=== Begin Enclosure ===

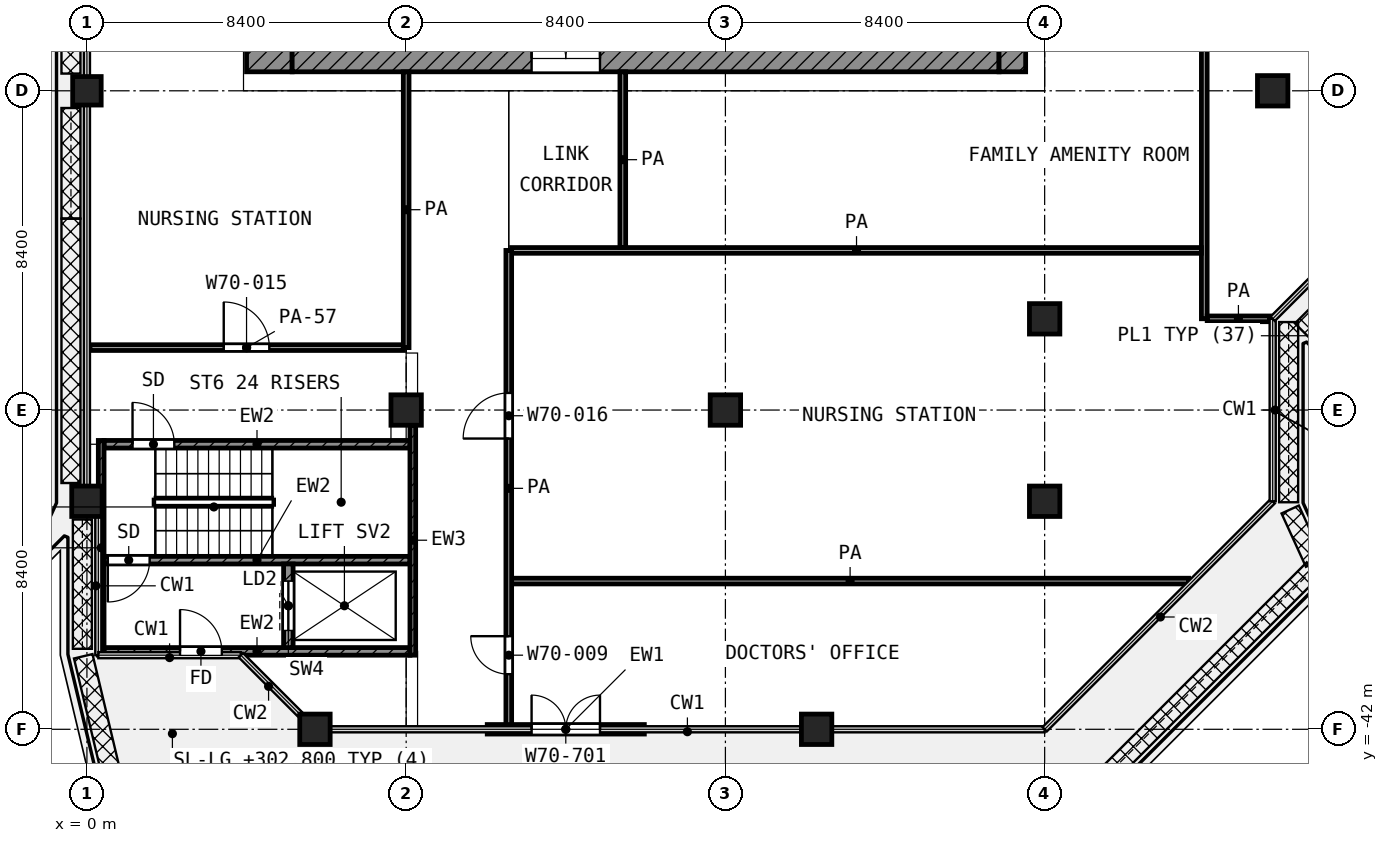
"""IFC4 building model, lengths in metres.
Left out: names, types, materials, properties, quantities, classifications, styles, units other than length and angle.
Written with IfcOpenShell. Run it as: python <this file> out.ifc"""

import sys

from ifc_helpers import new_model, si_unit, direction, frame, frame_2d, origin, origin_2d, place, context, subcontext, project, spatial, rectangle, extrude, element, fill, save


model = new_model("IFC4")
c1 = context("Model", 3, precision=1e-05, world=origin(), true_north=direction((0.0, 1.0)))
c2 = subcontext(c1, "Body", "Model", "MODEL_VIEW")
j1 = project(units=[si_unit("LENGTHUNIT", "METRE"), si_unit("PLANEANGLEUNIT", "RADIAN")], contexts=[c1])
p1 = place(None, origin())
s1 = spatial("IfcSite", under=j1, at=p1, CompositionType="ELEMENT")
p2 = place(p1, origin())
s2 = spatial("IfcBuilding", under=s1, at=p2, CompositionType="ELEMENT")
p3 = place(p2, frame((0.0, 0.0, 302.8)))
s3 = spatial("IfcBuildingStorey", under=s2, at=p3, CompositionType="ELEMENT", Elevation=302.8)
p4 = place(p3, frame((0.0, -25.2, 0.0), z_axis=(0.0, 0.0, 1.0), x_axis=(1.0, 0.0, 0.0)))
e1 = element("IfcColumn", 1, at=p4, inside=s3, PredefinedType="COLUMN", context=c2, shape_type="SweptSolid", body=[
    extrude(rectangle(XDim=0.75, YDim=0.75, at=origin_2d()), origin(), (0.0, 0.0, 1.0), 4.2),
])
for number, where, z_axis, x_axis in (
    (2, (31.2, -25.2, 0.0), (0.0, 0.0, 1.0), (1.0, 0.0, 0.0)),
    (3, (25.2, -31.2, 0.0), (0.0, 0.0, 1.0), (1.0, 0.0, 0.0)),
    (4, (8.4, -33.6, 0.0), (0.0, 0.0, 1.0), (1.0, 0.0, 0.0)),
    (5, (16.8, -33.6, 0.0), (0.0, 0.0, 1.0), (1.0, 0.0, 0.0)),
    (6, (0.0, -36.0, 0.0), (0.0, 0.0, 1.0), (1.0, 0.0, 0.0)),
    (7, (25.2, -36.0, 0.0), (0.0, 0.0, 1.0), (1.0, 0.0, 0.0)),
    (8, (6.0, -42.0, 0.0), (0.0, 0.0, 1.0), (1.0, 0.0, 0.0)),
    (9, (19.2, -42.0, 0.0), (0.0, 0.0, 1.0), (1.0, 0.0, 0.0)),
):
    element("IfcColumn", number, at=place(p3, frame(where, z_axis=z_axis, x_axis=x_axis)), inside=s3, PredefinedType="COLUMN", context=c2, shape_type="SweptSolid", body=[
        extrude(rectangle(XDim=0.8, YDim=0.8, at=origin_2d()), origin(), (0.0, 0.0, 1.0), 4.2),
    ])
p5 = place(p3, frame((10.533, -42.0, 0.0), z_axis=(0.0, 0.0, 1.0), x_axis=(1.0, 0.0, 0.0)))
e10 = element("IfcWall", 10, at=p5, inside=s3, PredefinedType="SOLIDWALL", context=c2, shape_type="SweptSolid", body=[
    extrude(rectangle(XDim=4.133, YDim=0.25, at=frame_2d((2.067, 0.0))), origin(), (0.0, 0.0, 1.0), 3.48),
])
p6 = place(p5, frame((1.167, 0.0, 0.0)))
e11 = element("IfcOpeningElement", 11, at=p6, cuts=e10, PredefinedType="OPENING", context=c2, shape_type="SweptSolid", body=[
    extrude(rectangle(XDim=1.8, YDim=2.1, at=frame_2d((0.9, 1.05))), frame((0.0, 0.135, 0.0), z_axis=(0.0, -1.0, 0.0), x_axis=(1.0, 0.0, 0.0)), (0.0, 0.0, 1.0), 0.27),
])
p7 = place(p3, frame((4.8, -24.7, 0.0), z_axis=(0.0, 0.0, 1.0), x_axis=(0.0, 1.0, 0.0)))
e12 = element("IfcWall", 12, at=p7, inside=s3, PredefinedType="SHEAR", context=c2, shape_type="SweptSolid", body=[
    extrude(rectangle(XDim=19.3, YDim=1.2, at=frame_2d((9.65, 0.0))), origin(), (0.0, 0.0, 1.0), 3.6),
])
p8 = place(p7, frame((11.15, 0.0, 0.0)))
e13 = element("IfcOpeningElement", 13, at=p8, cuts=e12, PredefinedType="OPENING", context=c2, shape_type="SweptSolid", body=[
    extrude(rectangle(XDim=1.1, YDim=2.1, at=frame_2d((0.55, 1.05))), frame((0.0, 0.61, 0.0), z_axis=(0.0, -1.0, 0.0), x_axis=(1.0, 0.0, 0.0)), (0.0, 0.0, 1.0), 1.22),
])
p9 = place(p7, frame((1.85, 0.0, 0.0)))
e14 = element("IfcOpeningElement", 14, at=p9, cuts=e12, PredefinedType="OPENING", context=c2, shape_type="SweptSolid", body=[
    extrude(rectangle(XDim=1.1, YDim=2.1, at=frame_2d((0.55, 1.05))), frame((0.0, 0.61, 0.0), z_axis=(0.0, -1.0, 0.0), x_axis=(1.0, 0.0, 0.0)), (0.0, 0.0, 1.0), 1.22),
])
p10 = place(p3, frame((5.4, -24.35, 0.0), z_axis=(0.0, 0.0, 1.0), x_axis=(1.0, 0.0, 0.0)))
e15 = element("IfcWall", 15, at=p10, inside=s3, PredefinedType="SHEAR", context=c2, shape_type="SweptSolid", body=[
    extrude(rectangle(XDim=18.6, YDim=0.7, at=frame_2d((9.3, 0.0))), origin(), (0.0, 0.0, 1.0), 3.6),
])
p11 = place(p10, frame((6.3, 0.0, 0.0)))
e16 = element("IfcOpeningElement", 16, at=p11, cuts=e15, PredefinedType="OPENING", context=c2, shape_type="SweptSolid", body=[
    extrude(rectangle(XDim=1.8, YDim=2.1, at=frame_2d((0.9, 1.05))), frame((0.0, 0.36, 0.0), z_axis=(0.0, -1.0, 0.0), x_axis=(1.0, 0.0, 0.0)), (0.0, 0.0, 1.0), 0.72),
])
p12 = place(p3, frame((24.35, -24.7, 0.0), z_axis=(0.0, 0.0, 1.0), x_axis=(0.0, 1.0, 0.0)))
e17 = element("IfcWall", 17, at=p12, inside=s3, PredefinedType="SHEAR", context=c2, shape_type="SweptSolid", body=[
    extrude(rectangle(XDim=0.7, YDim=0.7, at=frame_2d((0.35, 0.0))), origin(), (0.0, 0.0, 1.0), 3.6),
])
p13 = place(p3, frame((0.375, -40.05, 0.0), z_axis=(0.0, 0.0, 1.0), x_axis=(0.0, 1.0, 0.0)))
e18 = element("IfcWall", 18, at=p13, inside=s3, PredefinedType="SHEAR", context=c2, shape_type="SweptSolid", body=[
    extrude(rectangle(XDim=5.65, YDim=0.15, at=frame_2d((2.825, 0.0))), origin(), (0.0, 0.0, 1.0), 3.6),
])
p14 = place(p3, frame((8.575, -40.05, 0.0), z_axis=(0.0, 0.0, 1.0), x_axis=(0.0, 1.0, 0.0)))
e19 = element("IfcWall", 19, at=p14, inside=s3, PredefinedType="SHEAR", context=c2, shape_type="SweptSolid", body=[
    extrude(rectangle(XDim=6.05, YDim=0.15, at=frame_2d((3.025, 0.0))), origin(), (0.0, 0.0, 1.0), 3.6),
])
p15 = place(p3, frame((0.45, -34.5, 0.0), z_axis=(0.0, 0.0, 1.0), x_axis=(1.0, 0.0, 0.0)))
e20 = element("IfcWall", 20, at=p15, inside=s3, PredefinedType="SHEAR", context=c2, shape_type="SweptSolid", body=[
    extrude(rectangle(XDim=8.05, YDim=0.2, at=frame_2d((4.025, 0.0))), origin(), (0.0, 0.0, 1.0), 3.6),
])
p16 = place(p15, frame((0.75, 0.0, 0.0)))
e21 = element("IfcOpeningElement", 21, at=p16, cuts=e20, PredefinedType="OPENING", context=c2, shape_type="SweptSolid", body=[
    extrude(rectangle(XDim=1.1, YDim=2.1, at=frame_2d((0.55, 1.05))), frame((0.0, 0.11, 0.0), z_axis=(0.0, -1.0, 0.0), x_axis=(1.0, 0.0, 0.0)), (0.0, 0.0, 1.0), 0.22),
])
p17 = place(p3, frame((0.45, -37.55, 0.0), z_axis=(0.0, 0.0, 1.0), x_axis=(1.0, 0.0, 0.0)))
e22 = element("IfcWall", 22, at=p17, inside=s3, PredefinedType="SHEAR", context=c2, shape_type="SweptSolid", body=[
    extrude(rectangle(XDim=8.05, YDim=0.2, at=frame_2d((4.025, 0.0))), origin(), (0.0, 0.0, 1.0), 3.6),
])
p18 = place(p17, frame((0.1, 0.0, 0.0)))
e23 = element("IfcOpeningElement", 23, at=p18, cuts=e22, PredefinedType="OPENING", context=c2, shape_type="SweptSolid", body=[
    extrude(rectangle(XDim=1.1, YDim=2.1, at=frame_2d((0.55, 1.05))), frame((0.0, 0.11, 0.0), z_axis=(0.0, -1.0, 0.0), x_axis=(1.0, 0.0, 0.0)), (0.0, 0.0, 1.0), 0.22),
])
p19 = place(p3, frame((0.45, -39.95, 0.0), z_axis=(0.0, 0.0, 1.0), x_axis=(1.0, 0.0, 0.0)))
e24 = element("IfcWall", 24, at=p19, inside=s3, PredefinedType="SHEAR", context=c2, shape_type="SweptSolid", body=[
    extrude(rectangle(XDim=8.05, YDim=0.2, at=frame_2d((4.025, 0.0))), origin(), (0.0, 0.0, 1.0), 3.6),
])
p20 = place(p19, frame((2.0, 0.0, 0.0)))
e25 = element("IfcOpeningElement", 25, at=p20, cuts=e24, PredefinedType="OPENING", context=c2, shape_type="SweptSolid", body=[
    extrude(rectangle(XDim=1.1, YDim=2.1, at=frame_2d((0.55, 1.05))), frame((0.0, 0.11, 0.0), z_axis=(0.0, -1.0, 0.0), x_axis=(1.0, 0.0, 0.0)), (0.0, 0.0, 1.0), 0.22),
])
p21 = place(p3, frame((5.3, -39.85, 0.0), z_axis=(0.0, 0.0, 1.0), x_axis=(0.0, 1.0, 0.0)))
e26 = element("IfcWall", 26, at=p21, inside=s3, PredefinedType="SHEAR", context=c2, shape_type="SweptSolid", body=[
    extrude(rectangle(XDim=2.2, YDim=0.25, at=frame_2d((1.1, 0.0))), origin(), (0.0, 0.0, 1.0), 3.6),
])
p22 = place(p21, frame((0.45, 0.0, 0.0)))
e27 = element("IfcOpeningElement", 27, at=p22, cuts=e26, PredefinedType="OPENING", context=c2, shape_type="SweptSolid", body=[
    extrude(rectangle(XDim=1.3, YDim=2.1, at=frame_2d((0.65, 1.05))), frame((0.0, 0.135, 0.0), z_axis=(0.0, -1.0, 0.0), x_axis=(1.0, 0.0, 0.0)), (0.0, 0.0, 1.0), 0.27),
])
p23 = place(p3, frame((11.175, -38.1, 0.0), z_axis=(0.0, 0.0, 1.0), x_axis=(1.0, 0.0, 0.0)))
e28 = element("IfcWall", 28, at=p23, inside=s3, PredefinedType="PARTITIONING", context=c2, shape_type="SweptSolid", body=[
    extrude(rectangle(XDim=17.812, YDim=0.15, at=frame_2d((8.906, 0.0))), origin(), (0.0, 0.0, 1.0), 3.6),
])
p24 = place(p3, frame((0.08, -31.957, 0.0), z_axis=(0.0, 0.0, 1.0), x_axis=(1.0, 0.0, 0.0)))
e29 = element("IfcWall", 29, at=p24, inside=s3, PredefinedType="PARTITIONING", context=c2, shape_type="SweptSolid", body=[
    extrude(rectangle(XDim=8.245, YDim=0.15, at=frame_2d((4.123, 0.0))), origin(), (0.0, 0.0, 1.0), 2.7),
])
p25 = place(p24, frame((3.52, 0.0, 0.0)))
e30 = element("IfcOpeningElement", 30, at=p25, cuts=e29, PredefinedType="OPENING", context=c2, shape_type="SweptSolid", body=[
    extrude(rectangle(XDim=1.2, YDim=2.1, at=frame_2d((0.6, 1.05))), frame((0.0, 0.085, 0.0), z_axis=(0.0, -1.0, 0.0), x_axis=(1.0, 0.0, 0.0)), (0.0, 0.0, 1.0), 0.17),
])
p26 = place(p3, frame((29.477, -31.2, 0.0), z_axis=(0.0, 0.0, 1.0), x_axis=(1.0, 0.0, 0.0)))
e31 = element("IfcWall", 31, at=p26, inside=s3, PredefinedType="PARTITIONING", context=c2, shape_type="SweptSolid", body=[
    extrude(rectangle(XDim=1.643, YDim=0.15, at=frame_2d((0.822, 0.0))), origin(), (0.0, 0.0, 1.0), 3.6),
])
p27 = place(p3, frame((11.175, -29.4, 0.0), z_axis=(0.0, 0.0, 1.0), x_axis=(1.0, 0.0, 0.0)))
e32 = element("IfcWall", 32, at=p27, inside=s3, PredefinedType="PARTITIONING", context=c2, shape_type="SweptSolid", body=[
    extrude(rectangle(XDim=18.15, YDim=0.15, at=frame_2d((9.075, 0.0))), origin(), (0.0, 0.0, 1.0), 3.6),
])
p28 = place(p3, frame((8.4, -31.957, 0.0), z_axis=(0.0, 0.0, 1.0), x_axis=(0.0, 1.0, 0.0)))
e33 = element("IfcWall", 33, at=p28, inside=s3, PredefinedType="PARTITIONING", context=c2, shape_type="SweptSolid", body=[
    extrude(rectangle(XDim=7.257, YDim=0.15, at=frame_2d((3.628, 0.0))), origin(), (0.0, 0.0, 1.0), 3.6),
])
p29 = place(p3, frame((11.1, -41.92, 0.0), z_axis=(0.0, 0.0, 1.0), x_axis=(0.0, 1.0, 0.0)))
e34 = element("IfcWall", 34, at=p29, inside=s3, PredefinedType="PARTITIONING", context=c2, shape_type="SweptSolid", body=[
    extrude(rectangle(XDim=12.52, YDim=0.15, at=frame_2d((6.26, 0.0))), origin(), (0.0, 0.0, 1.0), 3.6),
])
p30 = place(p29, frame((7.57, 0.0, 0.0)))
e35 = element("IfcOpeningElement", 35, at=p30, cuts=e34, PredefinedType="OPENING", context=c2, shape_type="SweptSolid", body=[
    extrude(rectangle(XDim=1.2, YDim=2.1, at=frame_2d((0.6, 1.05))), frame((0.0, 0.085, 0.0), z_axis=(0.0, -1.0, 0.0), x_axis=(1.0, 0.0, 0.0)), (0.0, 0.0, 1.0), 0.17),
])
p31 = place(p29, frame((1.37, 0.0, 0.0)))
e36 = element("IfcOpeningElement", 36, at=p31, cuts=e34, PredefinedType="OPENING", context=c2, shape_type="SweptSolid", body=[
    extrude(rectangle(XDim=1.0, YDim=2.1, at=frame_2d((0.5, 1.05))), frame((0.0, 0.085, 0.0), z_axis=(0.0, -1.0, 0.0), x_axis=(1.0, 0.0, 0.0)), (0.0, 0.0, 1.0), 0.17),
])
p32 = place(p3, frame((14.1, -29.325, 0.0), z_axis=(0.0, 0.0, 1.0), x_axis=(0.0, 1.0, 0.0)))
e37 = element("IfcWall", 37, at=p32, inside=s3, PredefinedType="PARTITIONING", context=c2, shape_type="SweptSolid", body=[
    extrude(rectangle(XDim=4.625, YDim=0.15, at=frame_2d((2.312, 0.0))), origin(), (0.0, 0.0, 1.0), 3.6),
])
p33 = place(p3, frame((29.4, -31.198, 0.0), z_axis=(0.0, 0.0, 1.0), x_axis=(0.0, 1.0, 0.0)))
e38 = element("IfcWall", 38, at=p33, inside=s3, PredefinedType="PARTITIONING", context=c2, shape_type="SweptSolid", body=[
    extrude(rectangle(XDim=20.098, YDim=0.15, at=frame_2d((10.049, 0.0))), origin(), (0.0, 0.0, 1.0), 3.6),
])
p34 = place(p6, origin())
e39 = element("IfcDoor", 39, at=p34, inside=s3, OperationType="DOUBLE_DOOR_SINGLE_SWING", PredefinedType="DOOR", context=c2, shape_type="SweptSolid", body=[
    extrude(rectangle(XDim=1.8, YDim=2.1, at=frame_2d((0.9, 1.05))), frame((0.0, 0.025, 0.0), z_axis=(0.0, -1.0, 0.0), x_axis=(1.0, 0.0, 0.0)), (0.0, 0.0, 1.0), 0.05),
])
fill(e11, e39)
p35 = place(p11, origin())
e40 = element("IfcDoor", 40, at=p35, inside=s3, OperationType="DOUBLE_DOOR_SINGLE_SWING", PredefinedType="DOOR", context=c2, shape_type="SweptSolid", body=[
    extrude(rectangle(XDim=1.8, YDim=2.1, at=frame_2d((0.9, 1.05))), frame((0.0, 0.025, 0.0), z_axis=(0.0, -1.0, 0.0), x_axis=(1.0, 0.0, 0.0)), (0.0, 0.0, 1.0), 0.05),
])
fill(e16, e40)
p36 = place(p16, origin())
e41 = element("IfcDoor", 41, at=p36, inside=s3, OperationType="SINGLE_SWING_LEFT", PredefinedType="DOOR", context=c2, shape_type="SweptSolid", body=[
    extrude(rectangle(XDim=1.1, YDim=2.1, at=frame_2d((0.55, 1.05))), frame((0.0, 0.025, 0.0), z_axis=(0.0, -1.0, 0.0), x_axis=(1.0, 0.0, 0.0)), (0.0, 0.0, 1.0), 0.05),
])
fill(e21, e41)
p37 = place(p18, frame((1.1, 0.0, 0.0), z_axis=(0.0, 0.0, 1.0), x_axis=(-1.0, 0.0, 0.0)))
e42 = element("IfcDoor", 42, at=p37, inside=s3, OperationType="SINGLE_SWING_LEFT", PredefinedType="DOOR", context=c2, shape_type="SweptSolid", body=[
    extrude(rectangle(XDim=1.1, YDim=2.1, at=frame_2d((0.55, 1.05))), frame((0.0, 0.025, 0.0), z_axis=(0.0, -1.0, 0.0), x_axis=(1.0, 0.0, 0.0)), (0.0, 0.0, 1.0), 0.05),
])
fill(e23, e42)
p38 = place(p22, origin())
e43 = element("IfcDoor", 43, at=p38, inside=s3, OperationType="DOUBLE_DOOR_SLIDING", PredefinedType="DOOR", context=c2, shape_type="SweptSolid", body=[
    extrude(rectangle(XDim=1.3, YDim=2.1, at=frame_2d((0.65, 1.05))), frame((0.0, 0.025, 0.0), z_axis=(0.0, -1.0, 0.0), x_axis=(1.0, 0.0, 0.0)), (0.0, 0.0, 1.0), 0.05),
])
fill(e27, e43)
p39 = place(p20, origin())
e44 = element("IfcDoor", 44, at=p39, inside=s3, OperationType="SINGLE_SWING_LEFT", PredefinedType="DOOR", context=c2, shape_type="SweptSolid", body=[
    extrude(rectangle(XDim=1.1, YDim=2.1, at=frame_2d((0.55, 1.05))), frame((0.0, 0.025, 0.0), z_axis=(0.0, -1.0, 0.0), x_axis=(1.0, 0.0, 0.0)), (0.0, 0.0, 1.0), 0.05),
])
fill(e25, e44)
p40 = place(p25, origin())
e45 = element("IfcDoor", 45, at=p40, inside=s3, OperationType="SINGLE_SWING_LEFT", PredefinedType="DOOR", context=c2, shape_type="SweptSolid", body=[
    extrude(rectangle(XDim=1.2, YDim=2.1, at=frame_2d((0.6, 1.05))), frame((0.0, 0.025, 0.0), z_axis=(0.0, -1.0, 0.0), x_axis=(1.0, 0.0, 0.0)), (0.0, 0.0, 1.0), 0.05),
])
fill(e30, e45)
p41 = place(p30, origin())
e46 = element("IfcDoor", 46, at=p41, inside=s3, OperationType="SINGLE_SWING_LEFT", PredefinedType="DOOR", context=c2, shape_type="SweptSolid", body=[
    extrude(rectangle(XDim=1.2, YDim=2.1, at=frame_2d((0.6, 1.05))), frame((0.0, 0.025, 0.0), z_axis=(0.0, -1.0, 0.0), x_axis=(1.0, 0.0, 0.0)), (0.0, 0.0, 1.0), 0.05),
])
fill(e35, e46)
p42 = place(p31, origin())
e47 = element("IfcDoor", 47, at=p42, inside=s3, OperationType="SINGLE_SWING_RIGHT", PredefinedType="DOOR", context=c2, shape_type="SweptSolid", body=[
    extrude(rectangle(XDim=1.0, YDim=2.1, at=frame_2d((0.5, 1.05))), frame((0.0, 0.025, 0.0), z_axis=(0.0, -1.0, 0.0), x_axis=(1.0, 0.0, 0.0)), (0.0, 0.0, 1.0), 0.05),
])
fill(e36, e47)
save(model, sys.argv[1])

=== End Enclosure ===

▸ **Problem**: Among the records above, find the lines that contain "OPENING" and copy every one.

▸ **Answer space**:
e11 = element("IfcOpeningElement", 11, at=p6, cuts=e10, PredefinedType="OPENING", context=c2, shape_type="SweptSolid", body=[
e13 = element("IfcOpeningElement", 13, at=p8, cuts=e12, PredefinedType="OPENING", context=c2, shape_type="SweptSolid", body=[
e14 = element("IfcOpeningElement", 14, at=p9, cuts=e12, PredefinedType="OPENING", context=c2, shape_type="SweptSolid", body=[
e16 = element("IfcOpeningElement", 16, at=p11, cuts=e15, PredefinedType="OPENING", context=c2, shape_type="SweptSolid", body=[
e21 = element("IfcOpeningElement", 21, at=p16, cuts=e20, PredefinedType="OPENING", context=c2, shape_type="SweptSolid", body=[
e23 = element("IfcOpeningElement", 23, at=p18, cuts=e22, PredefinedType="OPENING", context=c2, shape_type="SweptSolid", body=[
e25 = element("IfcOpeningElement", 25, at=p20, cuts=e24, PredefinedType="OPENING", context=c2, shape_type="SweptSolid", body=[
e27 = element("IfcOpeningElement", 27, at=p22, cuts=e26, PredefinedType="OPENING", context=c2, shape_type="SweptSolid", body=[
e30 = element("IfcOpeningElement", 30, at=p25, cuts=e29, PredefinedType="OPENING", context=c2, shape_type="SweptSolid", body=[
e35 = element("IfcOpeningElement", 35, at=p30, cuts=e34, PredefinedType="OPENING", context=c2, shape_type="SweptSolid", body=[
e36 = element("IfcOpeningElement", 36, at=p31, cuts=e34, PredefinedType="OPENING", context=c2, shape_type="SweptSolid", body=[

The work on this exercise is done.